— Your task —
Take the entries below and print, exactly, the stretch from the line containing "1915.67)], close=True, dxfattribs=at)" through the line containing "h.dxf.hatch_style = 1", both included.

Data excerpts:
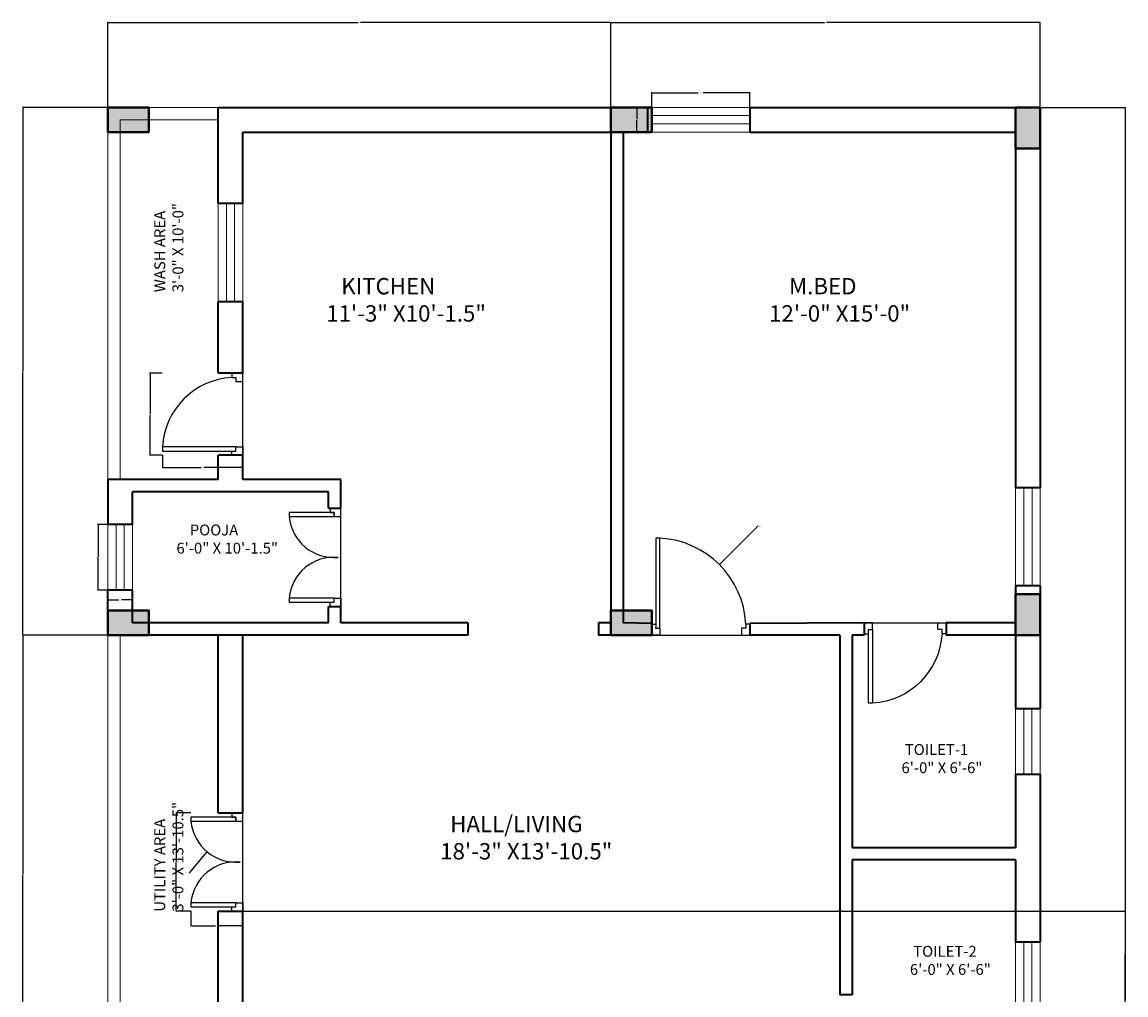
# Model space of a CAD drawing. Units: inches. Extents: x 810 to 2232, y 728 to 1827.
# Tile 6 of 6: x 1827 to 2232, y 1426 to 1783. Entities that reach past the tile are written whole.
import ezdxf

# ---------------------------------------------------------------- set-up
doc = ezdxf.new("R2010")
doc.units = ezdxf.units.IN
for name, color, linetype, lineweight in [('A-ANNO-DIMS', 2, 'Continuous', 18), ('A-AREA-IDEN', 50, 'Continuous', 18), ('column', 1, 'Continuous', 40), ('door', 150, 'Continuous', 25), ('railing', 233, 'Continuous', 18), ('ventilator', 40, 'Continuous', 18), ('Wall', 7, 'Continuous', 35), ('window', 80, 'Continuous', 18)]:
    doc.layers.add(name, color=color, linetype=linetype, lineweight=lineweight)
doc.styles.get("Standard").update_dxf_attribs({"font": 'arial.ttf'})
doc.dimstyles.get("Standard").update_dxf_attribs({"dimtxt": 0.18, "dimasz": 0.18, "dimexe": 0.18, "dimexo": 0.0625, "dimgap": 0.09, "dimtad": 0, "dimtih": 1, "dimtoh": 1, "dimdec": 4, "dimzin": 0, "dimdsep": 46, "dimtxsty": 'Standard', "dimcen": 0.09, "dimadec": 0, "dimazin": 0, "dimtfac": 1, "dimtdec": 4, "dimtofl": 0, "dimtmove": 0, "dimatfit": 3, "dimfxl": 1, "dimtolj": 1, "dimtzin": 0, "dimarcsym": 0})

# ---------------------------------------------------------------- blocks, each defined once
blk = doc.blocks.new('TD')
at = {"layer": 'door'}
blk.add_line((1594.06, 2210.18), (1624.06, 2210.18), dxfattribs=at)
blk.add_lwpolyline([(1595.56, 2212.68), (1597.06, 2212.68), (1597.06, 2239.68), (1595.56, 2239.68)], close=True, dxfattribs=at)
for points in [[(1597.06, 2210.18), (1594.06, 2210.18), (1594.06, 2214.18), (1595.56, 2214.18), (1595.56, 2212.68), (1597.06, 2212.68), (1597.06, 2210.18)], [(1621.06, 2210.18), (1624.06, 2210.18), (1624.06, 2214.18), (1622.56, 2214.18), (1622.56, 2212.68), (1621.06, 2212.68), (1621.06, 2210.18)]]:
    blk.add_lwpolyline(points, dxfattribs=at)
blk.add_arc((1595.56, 2212.68), 27.04, 3.1798, 86.8202, dxfattribs=at)
blk = doc.blocks.new('PD')
at = {"layer": 'door'}
blk.add_line((1661.56, 2210.18), (1697.56, 2210.18), dxfattribs=at)
for points in [[(1663.06, 2212.68), (1664.56, 2212.68), (1664.56, 2229.18), (1663.06, 2229.18)], [(1694.56, 2212.68), (1696.06, 2212.68), (1696.06, 2229.18), (1694.56, 2229.18)]]:
    blk.add_lwpolyline(points, close=True, dxfattribs=at)
for points in [[(1664.56, 2210.18), (1661.56, 2210.18), (1661.56, 2214.18), (1663.06, 2214.18), (1663.06, 2212.68), (1664.56, 2212.68), (1664.56, 2210.18)], [(1694.56, 2210.18), (1697.56, 2210.18), (1697.56, 2214.18), (1696.06, 2214.18), (1696.06, 2212.68), (1694.56, 2212.68), (1694.56, 2210.18)]]:
    blk.add_lwpolyline(points, dxfattribs=at)
for centre, start, end in [((1663.06, 2212.68), 354.8056, 84.8056), ((1696.06, 2212.68), 95.1944, 185.1944)]:
    blk.add_arc(centre, 16.57, start, end, dxfattribs=at)
blk = doc.blocks.new('BD')
at = {"layer": 'door'}
blk.add_line((1349.9, 2199.58), (1385.9, 2199.58), dxfattribs=at)
blk.add_lwpolyline([(1351.4, 2202.08), (1352.9, 2202.08), (1352.9, 2235.08), (1351.4, 2235.08)], close=True, dxfattribs=at)
for points in [[(1352.9, 2199.58), (1349.9, 2199.58), (1349.9, 2203.58), (1351.4, 2203.58), (1351.4, 2202.08), (1352.9, 2202.08), (1352.9, 2199.58)], [(1382.9, 2199.58), (1385.9, 2199.58), (1385.9, 2203.58), (1384.4, 2203.58), (1384.4, 2202.08), (1382.9, 2202.08), (1382.9, 2199.58)]]:
    blk.add_lwpolyline(points, dxfattribs=at)
blk.add_arc((1351.4, 2202.08), 33.03, 2.6026, 87.3974, dxfattribs=at)
blk = doc.blocks.new('HW')
at = {"layer": 'window'}
for p, q in [((1851.89, 1931.95), (1887.89, 1931.95)), ((1851.89, 1928.95), (1887.89, 1928.95))]:
    blk.add_line(p, q, dxfattribs=at)
blk.add_lwpolyline([(1851.89, 1925.95), (1887.89, 1925.95), (1887.89, 1934.95), (1851.89, 1934.95)], close=True, dxfattribs=at)
blk = doc.blocks.new('BW')
at = {"layer": 'window'}
blk.add_blockref('HW', (0, 0), dxfattribs=at)
blk = doc.blocks.new('V')
at = {"layer": 'ventilator'}
for p, q in [((1926.2, 1912.67), (1950.2, 1912.67)), ((1926.2, 1909.67), (1950.2, 1909.67))]:
    blk.add_line(p, q, dxfattribs=at)
blk.add_lwpolyline([(1926.2, 1906.67), (1950.2, 1906.67), (1950.2, 1915.67), (1926.2, 1915.67)], close=True, dxfattribs=at)
blk = doc.blocks.new('C1')
at = {"layer": 'column'}
h = blk.add_hatch(color=256, dxfattribs=at)
h.dxf.hatch_style = 1
h.paths.add_polyline_path([(431.83, 1717.82), (446.83, 1717.82), (446.83, 1726.82), (431.83, 1726.82)])
blk.add_lwpolyline([(431.83, 1717.82), (446.83, 1717.82), (446.83, 1726.82), (431.83, 1726.82)], close=True, dxfattribs=at)
blk = doc.blocks.new('RAIL-WASH-RETURN')
for p, q in [((0, 136.5), (40.5, 136.5)), ((0, 0), (0, 136.5)), ((4.5, 0), (4.5, 132)), ((4.5, 132), (40.5, 132))]:
    blk.add_line(p, q)
blk = doc.blocks.new('*D23')
at = {"layer": 'A-ANNO-DIMS', "color": 0, "lineweight": -2, "transparency": 16777216}
for p, q in [((2058.12, 1752.01), (2058.12, 1757.52)), ((2058.3, 1757.34), (2075.21, 1757.34)), ((2093.94, 1757.34), (2077.02, 1757.34)), ((2094.12, 1752.01), (2094.12, 1757.52))]:
    blk.add_line(p, q, dxfattribs=at)
at = {"layer": 'A-ANNO-DIMS', "color": 0, "transparency": 16777216}
for points in [[(2058.3, 1757.37), (2058.3, 1757.31), (2058.12, 1757.34)], [(2093.94, 1757.37), (2093.94, 1757.31), (2094.12, 1757.34)]]:
    blk.add_solid(points, dxfattribs=at)
at = {"layer": 'Defpoints', "color": 0, "transparency": 16777216}
for p in [(2094.12, 1757.34), (2058.12, 1751.94), (2094.12, 1751.94)]:
    blk.add_point(p, dxfattribs=at)
at = {"layer": 'A-ANNO-DIMS', "color": 0, "transparency": 16777216, "insert": (2076.12, 1757.34), "char_height": 0.18, "attachment_point": 5}
blk.add_mtext('\\A1;SASH 36 TYP.', dxfattribs=at)
blk = doc.blocks.new('*D24')
at = {"layer": 'A-ANNO-DIMS', "color": 0, "lineweight": -2, "transparency": 16777216}
for p, q in [((2058.05, 1751.94), (2052.54, 1751.94)), ((2052.72, 1751.76), (2052.72, 1747.62)), ((2052.72, 1743.12), (2052.72, 1747.26)), ((2058.05, 1742.94), (2052.54, 1742.94))]:
    blk.add_line(p, q, dxfattribs=at)
at = {"layer": 'A-ANNO-DIMS', "color": 0, "transparency": 16777216}
for points in [[(2052.69, 1751.76), (2052.75, 1751.76), (2052.72, 1751.94)], [(2052.69, 1743.12), (2052.75, 1743.12), (2052.72, 1742.94)]]:
    blk.add_solid(points, dxfattribs=at)
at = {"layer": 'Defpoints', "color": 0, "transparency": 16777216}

— Answer below —
blk.add_lwpolyline([(1926.2, 1906.67), (1950.2, 1906.67), (1950.2, 1915.67), (1926.2, 1915.67)], close=True, dxfattribs=at)
blk = doc.blocks.new('C1')
at = {"layer": 'column'}
h = blk.add_hatch(color=256, dxfattribs=at)
h.dxf.hatch_style = 1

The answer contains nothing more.